(Recorded data)

________________________

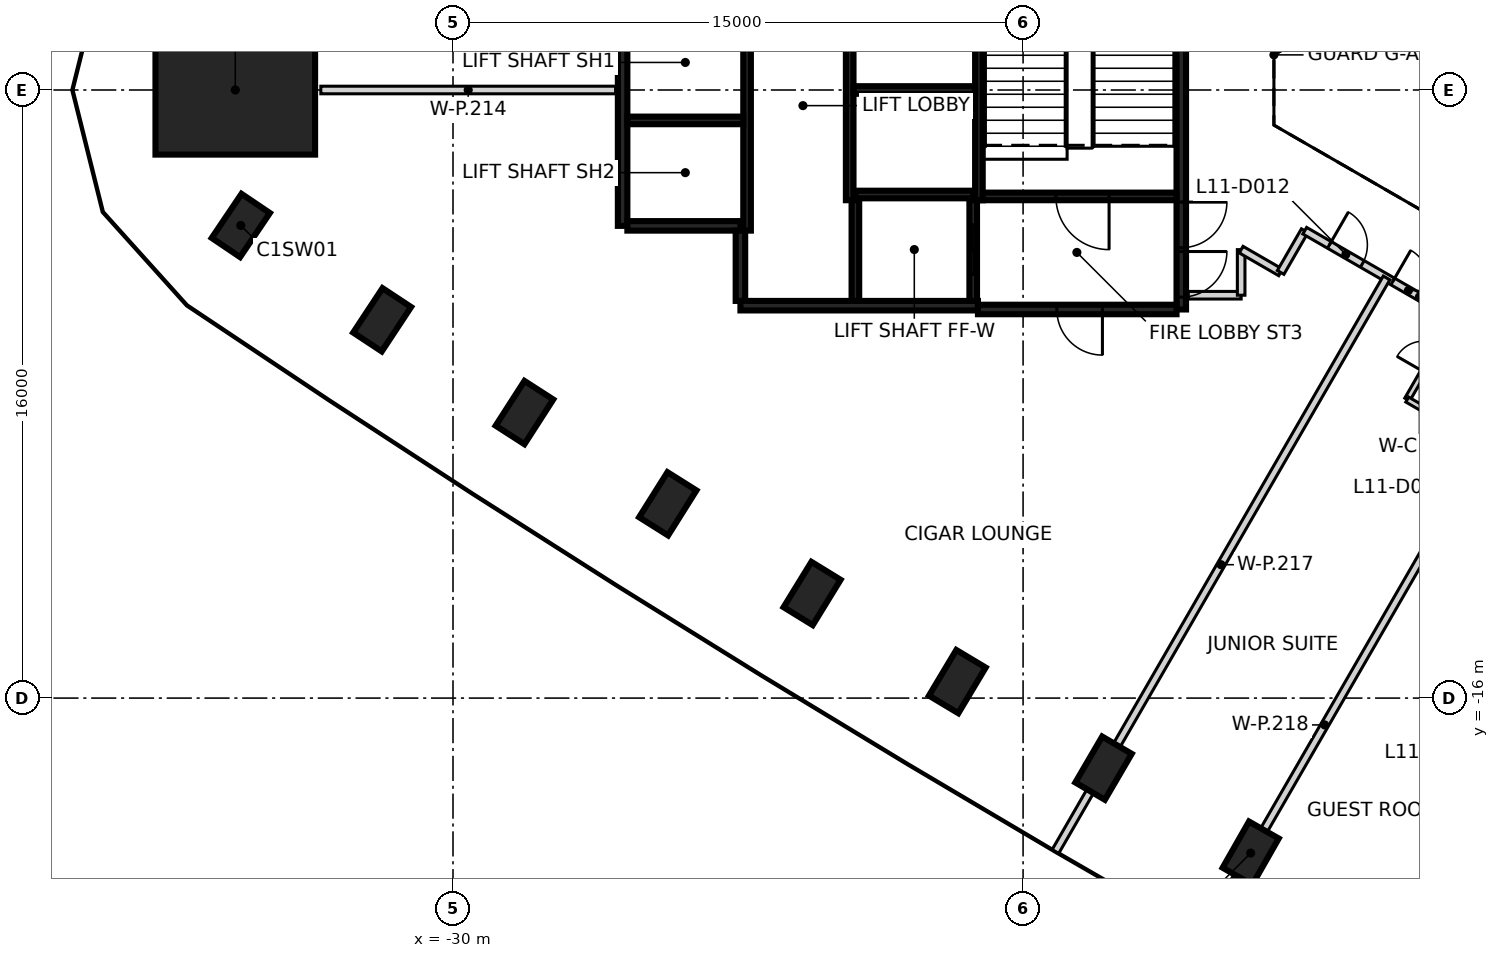
"""IFC4 building model, lengths in metres.
Left out: names, types, materials, properties, quantities, classifications, styles, units other than length and angle.
Written with IfcOpenShell. Run it as: python <this file> out.ifc"""

import sys

from ifc_helpers import new_model, si_unit, direction, frame, frame_2d, origin, origin_2d, place, context, subcontext, project, spatial, rectangle, extrude, element, fill, save


model = new_model("IFC4")
c1 = context("Model", 3, precision=1e-05, world=origin(), true_north=direction((0.0, 1.0)))
c2 = subcontext(c1, "Body", "Model", "MODEL_VIEW")
j1 = project(units=[si_unit("LENGTHUNIT", "METRE"), si_unit("PLANEANGLEUNIT", "RADIAN")], contexts=[c1])
p1 = place(None, origin())
s1 = spatial("IfcSite", under=j1, at=p1, CompositionType="ELEMENT")
p2 = place(p1, origin())
s2 = spatial("IfcBuilding", under=s1, at=p2, CompositionType="ELEMENT")
p3 = place(p2, frame((0.0, 0.0, 53.0)))
s3 = spatial("IfcBuildingStorey", under=s2, at=p3, CompositionType="ELEMENT", Elevation=53.0)
for number, where, z_axis, x_axis in (
    (1, (-35.583, -3.565, -0.475), (0.0, 0.0, 1.0), (0.559, 0.829, 0.0)),
    (2, (-31.865, -6.046, -0.475), (0.0, 0.0, 1.0), (0.551, 0.835, 0.0)),
    (3, (-28.12, -8.488, -0.475), (0.0, 0.0, 1.0), (0.541, 0.841, 0.0)),
    (4, (-24.349, -10.888, -0.475), (0.0, 0.0, 1.0), (0.532, 0.846, 0.0)),
    (5, (-20.552, -13.248, -0.475), (0.0, 0.0, 1.0), (0.523, 0.852, 0.0)),
    (6, (-16.73, -15.566, -0.475), (0.0, 0.0, 1.0), (0.514, 0.858, 0.0)),
    (7, (-12.883, -17.844, -0.475), (0.0, 0.0, 1.0), (0.505, 0.863, 0.0)),
    (8, (-9.011, -20.079, -0.475), (0.0, 0.0, 1.0), (0.495, 0.869, 0.0)),
):
    element("IfcColumn", number, at=place(p3, frame(where, z_axis=z_axis, x_axis=x_axis)), inside=s3, PredefinedType="COLUMN", context=c2, shape_type="SweptSolid", body=[
        extrude(rectangle(XDim=1.4, YDim=0.9, at=origin_2d()), origin(), (0.0, 0.0, 1.0), 3.6),
    ])
p4 = place(p3, frame((-35.729, 0.0, -0.475), z_axis=(0.0, 0.0, 1.0), x_axis=(1.0, 0.0, 0.0)))
e9 = element("IfcColumn", 9, at=p4, inside=s3, PredefinedType="COLUMN", context=c2, shape_type="SweptSolid", body=[
    extrude(rectangle(XDim=4.2, YDim=3.4, at=origin_2d()), origin(), (0.0, 0.0, 1.0), 3.6),
])
p5 = place(p3, frame((-10.837, 5.775, 0.0), z_axis=(0.0, 0.0, 1.0), x_axis=(0.0, -1.0, 0.0)))
e10 = element("IfcWall", 10, at=p5, inside=s3, PredefinedType="SHEAR", context=c2, shape_type="SweptSolid", body=[
    extrude(rectangle(XDim=11.55, YDim=0.25, at=frame_2d((5.775, 0.0))), origin(), (0.0, 0.0, 1.0), 3.125),
])
p6 = place(p5, frame((10.025, 0.0, 0.0)))
e11 = element("IfcOpeningElement", 11, at=p6, cuts=e10, PredefinedType="OPENING", context=c2, shape_type="SweptSolid", body=[
    extrude(rectangle(XDim=1.2, YDim=2.1, at=frame_2d((0.6, 1.05))), frame((0.0, 0.135, 0.0), z_axis=(0.0, -1.0, 0.0), x_axis=(1.0, 0.0, 0.0)), (0.0, 0.0, 1.0), 0.27),
])
p7 = place(p5, frame((8.725, 0.0, 0.0)))
e12 = element("IfcOpeningElement", 12, at=p7, cuts=e10, PredefinedType="OPENING", context=c2, shape_type="SweptSolid", body=[
    extrude(rectangle(XDim=1.2, YDim=2.1, at=frame_2d((0.6, 1.05))), frame((0.0, 0.135, 0.0), z_axis=(0.0, -1.0, 0.0), x_axis=(1.0, 0.0, 0.0)), (0.0, 0.0, 1.0), 0.27),
])
p8 = place(p3, frame((-16.187, -5.675, 0.0), z_axis=(0.0, 0.0, 1.0), x_axis=(-1.0, 0.0, 0.0)))
e13 = element("IfcWall", 13, at=p8, inside=s3, PredefinedType="SHEAR", context=c2, shape_type="SweptSolid", body=[
    extrude(rectangle(XDim=6.25, YDim=0.25, at=frame_2d((3.125, 0.0))), origin(), (0.0, 0.0, 1.0), 3.125),
])
p9 = place(p3, frame((-25.537, -3.575, 0.0), z_axis=(0.0, 0.0, 1.0), x_axis=(0.0, 1.0, 0.0)))
e14 = element("IfcWall", 14, at=p9, inside=s3, PredefinedType="SHEAR", context=c2, shape_type="SweptSolid", body=[
    extrude(rectangle(XDim=5.85, YDim=0.25, at=frame_2d((2.925, 0.0))), origin(), (0.0, 0.0, 1.0), 3.125),
])
p10 = place(p3, frame((-10.963, -5.775, 0.0), z_axis=(0.0, 0.0, 1.0), x_axis=(-1.0, 0.0, 0.0)))
e15 = element("IfcWall", 15, at=p10, inside=s3, PredefinedType="SHEAR", context=c2, shape_type="SweptSolid", body=[
    extrude(rectangle(XDim=5.225, YDim=0.25, at=frame_2d((2.612, 0.0))), origin(), (0.0, 0.0, 1.0), 3.125),
])
p11 = place(p10, frame((1.95, 0.0, 0.0)))
e16 = element("IfcOpeningElement", 16, at=p11, cuts=e15, PredefinedType="OPENING", context=c2, shape_type="SweptSolid", body=[
    extrude(rectangle(XDim=1.2, YDim=2.1, at=frame_2d((0.6, 1.05))), frame((0.0, 0.135, 0.0), z_axis=(0.0, -1.0, 0.0), x_axis=(1.0, 0.0, 0.0)), (0.0, 0.0, 1.0), 0.27),
])
p12 = place(p3, frame((-22.437, -3.575, 0.0), z_axis=(0.0, 0.0, 1.0), x_axis=(-1.0, 0.0, 0.0)))
e17 = element("IfcWall", 17, at=p12, inside=s3, PredefinedType="SHEAR", context=c2, shape_type="SweptSolid", body=[
    extrude(rectangle(XDim=2.975, YDim=0.25, at=frame_2d((1.487, 0.0))), origin(), (0.0, 0.0, 1.0), 3.125),
])
p13 = place(p3, frame((-22.437, -5.55, 0.0), z_axis=(0.0, 0.0, 1.0), x_axis=(0.0, 1.0, 0.0)))
e18 = element("IfcWall", 18, at=p13, inside=s3, PredefinedType="SHEAR", context=c2, shape_type="SweptSolid", body=[
    extrude(rectangle(XDim=1.849, YDim=0.25, at=frame_2d((0.925, 0.0))), origin(), (0.0, 0.0, 1.0), 3.125),
])
p14 = place(p3, frame((-16.162, 2.951, 0.0), z_axis=(0.0, 0.0, 1.0), x_axis=(0.0, -1.0, 0.0)))
e19 = element("IfcWall", 19, at=p14, inside=s3, PredefinedType="SHEAR", context=c2, shape_type="SweptSolid", body=[
    extrude(rectangle(XDim=5.851, YDim=0.2, at=frame_2d((2.925, 0.0))), origin(), (0.0, 0.0, 1.0), 3.125),
])
for number, where, z_axis, x_axis in (
    (20, (-19.562, -2.9, 0.0), (0.0, 0.0, 1.0), (0.0, 1.0, 0.0)),
    (21, (-22.262, 2.4, 0.0), (0.0, 0.0, 1.0), (0.0, -1.0, 0.0)),
):
    element("IfcWall", number, at=place(p3, frame(where, z_axis=z_axis, x_axis=x_axis)), inside=s3, PredefinedType="SHEAR", context=c2, shape_type="SweptSolid", body=[
        extrude(rectangle(XDim=6.1, YDim=0.2, at=frame_2d((3.05, 0.0))), origin(), (0.0, 0.0, 1.0), 3.125),
    ])
p15 = place(p3, frame((-10.963, -2.8, 0.0), z_axis=(0.0, 0.0, 1.0), x_axis=(-1.0, 0.0, 0.0)))
e22 = element("IfcWall", 22, at=p15, inside=s3, PredefinedType="SHEAR", context=c2, shape_type="SweptSolid", body=[
    extrude(rectangle(XDim=5.098, YDim=0.2, at=frame_2d((2.549, 0.0))), origin(), (0.0, 0.0, 1.0), 3.125),
])
p16 = place(p15, frame((1.774, 0.0, 0.0)))
e23 = element("IfcOpeningElement", 23, at=p16, cuts=e22, PredefinedType="OPENING", context=c2, shape_type="SweptSolid", body=[
    extrude(rectangle(XDim=1.4, YDim=2.1, at=frame_2d((0.7, 1.05))), frame((0.0, 0.11, 0.0), z_axis=(0.0, -1.0, 0.0), x_axis=(1.0, 0.0, 0.0)), (0.0, 0.0, 1.0), 0.22),
])
p17 = place(p3, frame((-16.263, 0.0, 0.0), z_axis=(0.0, 0.0, 1.0), x_axis=(-1.0, 0.0, 0.0)))
e24 = element("IfcWall", 24, at=p17, inside=s3, PredefinedType="SHEAR", context=c2, shape_type="SweptSolid", body=[
    extrude(rectangle(XDim=3.198, YDim=0.2, at=frame_2d((1.599, 0.0))), origin(), (0.0, 0.0, 1.0), 3.125),
])
p18 = place(p3, frame((-22.363, -0.8, 0.0), z_axis=(0.0, 0.0, 1.0), x_axis=(-1.0, 0.0, 0.0)))
e25 = element("IfcWall", 25, at=p18, inside=s3, PredefinedType="SHEAR", context=c2, shape_type="SweptSolid", body=[
    extrude(rectangle(XDim=3.048, YDim=0.2, at=frame_2d((1.524, 0.0))), origin(), (0.0, 0.0, 1.0), 3.125),
])
p19 = place(p3, frame((-19.412, -2.75, 0.0), z_axis=(0.0, 0.0, 1.0), x_axis=(1.0, 0.0, 0.0)))
e26 = element("IfcWall", 26, at=p19, inside=s3, PredefinedType="SHEAR", context=c2, shape_type="SweptSolid", body=[
    extrude(rectangle(XDim=3.1, YDim=0.2, at=frame_2d((1.55, 0.0))), origin(), (0.0, 0.0, 1.0), 3.125),
])
p20 = place(p3, frame((-16.312, -2.898, 0.0), z_axis=(0.0, 0.0, 1.0), x_axis=(0.0, -1.0, 0.0)))
e27 = element("IfcWall", 27, at=p20, inside=s3, PredefinedType="SHEAR", context=c2, shape_type="SweptSolid", body=[
    extrude(rectangle(XDim=2.651, YDim=0.2, at=frame_2d((1.325, 0.0))), origin(), (0.0, 0.0, 1.0), 3.125),
])
p21 = place(p20, frame((0.652, 0.0, 0.0)))
e28 = element("IfcOpeningElement", 28, at=p21, cuts=e27, PredefinedType="OPENING", context=c2, shape_type="SweptSolid", body=[
    extrude(rectangle(XDim=1.3, YDim=2.1, at=frame_2d((0.65, 1.05))), frame((0.0, 0.11, 0.0), z_axis=(0.0, -1.0, 0.0), x_axis=(1.0, 0.0, 0.0)), (0.0, 0.0, 1.0), 0.22),
])
p22 = place(p3, frame((-19.412, -5.549, 0.0), z_axis=(0.0, 0.0, 1.0), x_axis=(0.0, 1.0, 0.0)))
e29 = element("IfcWall", 29, at=p22, inside=s3, PredefinedType="SHEAR", context=c2, shape_type="SweptSolid", body=[
    extrude(rectangle(XDim=2.651, YDim=0.2, at=frame_2d((1.325, 0.0))), origin(), (0.0, 0.0, 1.0), 3.125),
])
p23 = place(p3, frame((-10.652, -5.4, 0.0), z_axis=(0.0, 0.0, 1.0), x_axis=(1.0, 0.0, 0.0)))
e30 = element("IfcWall", 30, at=p23, inside=s3, PredefinedType="PARTITIONING", context=c2, shape_type="SweptSolid", body=[
    extrude(rectangle(XDim=1.39, YDim=0.2, at=frame_2d((0.695, 0.0))), origin(), (0.0, 0.0, 1.0), 3.125),
])
for number, where, z_axis, x_axis in (
    (31, (-9.262, -5.4, 0.0), (0.0, 0.0, 1.0), (0.0, 1.0, 0.0)),
    (32, (-9.262, -4.2, 0.0), (0.0, 0.0, 1.0), (0.866, -0.5, 0.0)),
):
    element("IfcWall", number, at=place(p3, frame(where, z_axis=z_axis, x_axis=x_axis)), inside=s3, PredefinedType="PARTITIONING", context=c2, shape_type="SweptSolid", body=[
        extrude(rectangle(XDim=1.2, YDim=0.2, at=frame_2d((0.6, 0.0))), origin(), (0.0, 0.0, 1.0), 3.125),
    ])
p24 = place(p3, frame((-8.223, -4.8, 0.0), z_axis=(0.0, 0.0, 1.0), x_axis=(0.499866914522, 0.866102227088, 0.0)))
e33 = element("IfcWall", 33, at=p24, inside=s3, PredefinedType="PARTITIONING", context=c2, shape_type="SweptSolid", body=[
    extrude(rectangle(XDim=1.268, YDim=0.2, at=frame_2d((0.634, 0.0))), origin(), (0.0, 0.0, 1.0), 3.125),
])
p25 = place(p3, frame((-7.589, -3.702, 0.0), z_axis=(0.0, 0.0, 1.0), x_axis=(0.865994210678, -0.500054024153, 0.0)))
e34 = element("IfcWall", 34, at=p25, inside=s3, PredefinedType="PARTITIONING", context=c2, shape_type="SweptSolid", body=[
    extrude(rectangle(XDim=6.969, YDim=0.2, at=frame_2d((3.484, 0.0))), origin(), (0.0, 0.0, 1.0), 3.125),
])
p26 = place(p25, frame((0.749, 0.0, 0.0)))
e35 = element("IfcOpeningElement", 35, at=p26, cuts=e34, PredefinedType="OPENING", context=c2, shape_type="SweptSolid", body=[
    extrude(rectangle(XDim=1.0, YDim=2.1, at=frame_2d((0.5, 1.05))), frame((0.0, 0.11, 0.0), z_axis=(0.0, -1.0, 0.0), x_axis=(1.0, 0.0, 0.0)), (0.0, 0.0, 1.0), 0.22),
])
p27 = place(p25, frame((2.674, 0.0, 0.0)))
e36 = element("IfcOpeningElement", 36, at=p27, cuts=e34, PredefinedType="OPENING", context=c2, shape_type="SweptSolid", body=[
    extrude(rectangle(XDim=0.95, YDim=2.1, at=frame_2d((0.475, 1.05))), frame((0.0, 0.11, 0.0), z_axis=(0.0, -1.0, 0.0), x_axis=(1.0, 0.0, 0.0)), (0.0, 0.0, 1.0), 0.22),
])
p28 = place(p3, frame((-33.478, 0.0, 0.0), z_axis=(0.0, 0.0, 1.0), x_axis=(1.0, 0.0, 0.0)))
e37 = element("IfcWall", 37, at=p28, inside=s3, PredefinedType="PARTITIONING", context=c2, shape_type="SweptSolid", body=[
    extrude(rectangle(XDim=7.756, YDim=0.2, at=frame_2d((3.878, 0.0))), origin(), (0.0, 0.0, 1.0), 3.125),
])
p29 = place(p3, frame((-14.148, -20.035, 0.0), z_axis=(0.0, 0.0, 1.0), x_axis=(0.499978771293, 0.866037659837, 0.0)))
e38 = element("IfcWall", 38, at=p29, inside=s3, PredefinedType="PARTITIONING", context=c2, shape_type="SweptSolid", body=[
    extrude(rectangle(XDim=17.425, YDim=0.2, at=frame_2d((8.712, 0.0))), origin(), (0.0, 0.0, 1.0), 3.125),
])
p30 = place(p3, frame((-10.276, -22.271, 0.0), z_axis=(0.0, 0.0, 1.0), x_axis=(0.499984478165, 0.866034365135, 0.0)))
e39 = element("IfcWall", 39, at=p30, inside=s3, PredefinedType="PARTITIONING", context=c2, shape_type="SweptSolid", body=[
    extrude(rectangle(XDim=12.851, YDim=0.2, at=frame_2d((6.426, 0.0))), origin(), (0.0, 0.0, 1.0), 3.125),
])
p31 = place(p3, frame((-6.381, -24.464, 0.0), z_axis=(0.0, 0.0, 1.0), x_axis=(0.500007577232, 0.866021029023, 0.0)))
e40 = element("IfcWall", 40, at=p31, inside=s3, PredefinedType="PARTITIONING", context=c2, shape_type="SweptSolid", body=[
    extrude(rectangle(XDim=9.883, YDim=0.2, at=frame_2d((4.941, 0.0))), origin(), (0.0, 0.0, 1.0), 3.125),
])
p32 = place(p3, frame((-4.892, -8.145, 0.0), z_axis=(0.0, 0.0, 1.0), x_axis=(0.499711178953, 0.866192090491, 0.0)))
e41 = element("IfcWall", 41, at=p32, inside=s3, PredefinedType="PARTITIONING", context=c2, shape_type="SweptSolid", body=[
    extrude(rectangle(XDim=2.5, YDim=0.15, at=frame_2d((1.25, 0.0))), origin(), (0.0, 0.0, 1.0), 3.125),
])
p33 = place(p32, frame((0.85, 0.0, 0.0)))
e42 = element("IfcOpeningElement", 42, at=p33, cuts=e41, PredefinedType="OPENING", context=c2, shape_type="SweptSolid", body=[
    extrude(rectangle(XDim=0.8, YDim=2.1, at=frame_2d((0.4, 1.05))), frame((0.0, 0.085, 0.0), z_axis=(0.0, -1.0, 0.0), x_axis=(1.0, 0.0, 0.0)), (0.0, 0.0, 1.0), 0.17),
])
p34 = place(p3, frame((-4.892, -8.145, 0.0), z_axis=(0.0, 0.0, 1.0), x_axis=(0.865999212041, -0.500045362686, 0.0)))
e43 = element("IfcWall", 43, at=p34, inside=s3, PredefinedType="PARTITIONING", context=c2, shape_type="SweptSolid", body=[
    extrude(rectangle(XDim=2.4, YDim=0.15, at=frame_2d((1.2, 0.0))), origin(), (0.0, 0.0, 1.0), 3.125),
])
p35 = place(p21, origin())
e44 = element("IfcDoor", 44, at=p35, inside=s3, OperationType="SLIDING_TO_LEFT", PredefinedType="DOOR", context=c2, shape_type="SweptSolid", body=[
    extrude(rectangle(XDim=1.3, YDim=2.1, at=frame_2d((0.65, 1.05))), frame((0.0, 0.025, 0.0), z_axis=(0.0, -1.0, 0.0), x_axis=(1.0, 0.0, 0.0)), (0.0, 0.0, 1.0), 0.05),
])
fill(e28, e44)
p36 = place(p6, origin())
e45 = element("IfcDoor", 45, at=p36, inside=s3, OperationType="SINGLE_SWING_LEFT", PredefinedType="DOOR", context=c2, shape_type="SweptSolid", body=[
    extrude(rectangle(XDim=1.2, YDim=2.1, at=frame_2d((0.6, 1.05))), frame((0.0, 0.025, 0.0), z_axis=(0.0, -1.0, 0.0), x_axis=(1.0, 0.0, 0.0)), (0.0, 0.0, 1.0), 0.05),
])
fill(e11, e45)
p37 = place(p7, origin())
e46 = element("IfcDoor", 46, at=p37, inside=s3, OperationType="SINGLE_SWING_RIGHT", PredefinedType="DOOR", context=c2, shape_type="SweptSolid", body=[
    extrude(rectangle(XDim=1.2, YDim=2.1, at=frame_2d((0.6, 1.05))), frame((0.0, 0.025, 0.0), z_axis=(0.0, -1.0, 0.0), x_axis=(1.0, 0.0, 0.0)), (0.0, 0.0, 1.0), 0.05),
])
fill(e12, e46)
p38 = place(p16, origin())
e47 = element("IfcDoor", 47, at=p38, inside=s3, OperationType="SINGLE_SWING_LEFT", PredefinedType="DOOR", context=c2, shape_type="SweptSolid", body=[
    extrude(rectangle(XDim=1.4, YDim=2.1, at=frame_2d((0.7, 1.05))), frame((0.0, 0.025, 0.0), z_axis=(0.0, -1.0, 0.0), x_axis=(1.0, 0.0, 0.0)), (0.0, 0.0, 1.0), 0.05),
])
fill(e23, e47)
p39 = place(p11, origin())
e48 = element("IfcDoor", 48, at=p39, inside=s3, OperationType="SINGLE_SWING_RIGHT", PredefinedType="DOOR", context=c2, shape_type="SweptSolid", body=[
    extrude(rectangle(XDim=1.2, YDim=2.1, at=frame_2d((0.6, 1.05))), frame((0.0, 0.025, 0.0), z_axis=(0.0, -1.0, 0.0), x_axis=(1.0, 0.0, 0.0)), (0.0, 0.0, 1.0), 0.05),
])
fill(e16, e48)
p40 = place(p26, frame((1.0, 0.0, 0.0), z_axis=(0.0, 0.0, 1.0), x_axis=(-1.0, 0.0, 0.0)))
e49 = element("IfcDoor", 49, at=p40, inside=s3, OperationType="SINGLE_SWING_LEFT", PredefinedType="DOOR", context=c2, shape_type="SweptSolid", body=[
    extrude(rectangle(XDim=1.0, YDim=2.1, at=frame_2d((0.5, 1.05))), frame((0.0, 0.025, 0.0), z_axis=(0.0, -1.0, 0.0), x_axis=(1.0, 0.0, 0.0)), (0.0, 0.0, 1.0), 0.05),
])
fill(e35, e49)
p41 = place(p27, frame((0.95, 0.0, 0.0), z_axis=(0.0, 0.0, 1.0), x_axis=(-1.0, 0.0, 0.0)))
e50 = element("IfcDoor", 50, at=p41, inside=s3, OperationType="SINGLE_SWING_LEFT", PredefinedType="DOOR", context=c2, shape_type="SweptSolid", body=[
    extrude(rectangle(XDim=0.95, YDim=2.1, at=frame_2d((0.475, 1.05))), frame((0.0, 0.025, 0.0), z_axis=(0.0, -1.0, 0.0), x_axis=(1.0, 0.0, 0.0)), (0.0, 0.0, 1.0), 0.05),
])
fill(e36, e50)
save(model, sys.argv[1])

________________________

> **Your task**
Look through the data above and return each line where the string "IfcDoor" occurs.

> **Response to this exercise**
e44 = element("IfcDoor", 44, at=p35, inside=s3, OperationType="SLIDING_TO_LEFT", PredefinedType="DOOR", context=c2, shape_type="SweptSolid", body=[
e45 = element("IfcDoor", 45, at=p36, inside=s3, OperationType="SINGLE_SWING_LEFT", PredefinedType="DOOR", context=c2, shape_type="SweptSolid", body=[
e46 = element("IfcDoor", 46, at=p37, inside=s3, OperationType="SINGLE_SWING_RIGHT", PredefinedType="DOOR", context=c2, shape_type="SweptSolid", body=[
e47 = element("IfcDoor", 47, at=p38, inside=s3, OperationType="SINGLE_SWING_LEFT", PredefinedType="DOOR", context=c2, shape_type="SweptSolid", body=[
e48 = element("IfcDoor", 48, at=p39, inside=s3, OperationType="SINGLE_SWING_RIGHT", PredefinedType="DOOR", context=c2, shape_type="SweptSolid", body=[
e49 = element("IfcDoor", 49, at=p40, inside=s3, OperationType="SINGLE_SWING_LEFT", PredefinedType="DOOR", context=c2, shape_type="SweptSolid", body=[
e50 = element("IfcDoor", 50, at=p41, inside=s3, OperationType="SINGLE_SWING_LEFT", PredefinedType="DOOR", context=c2, shape_type="SweptSolid", body=[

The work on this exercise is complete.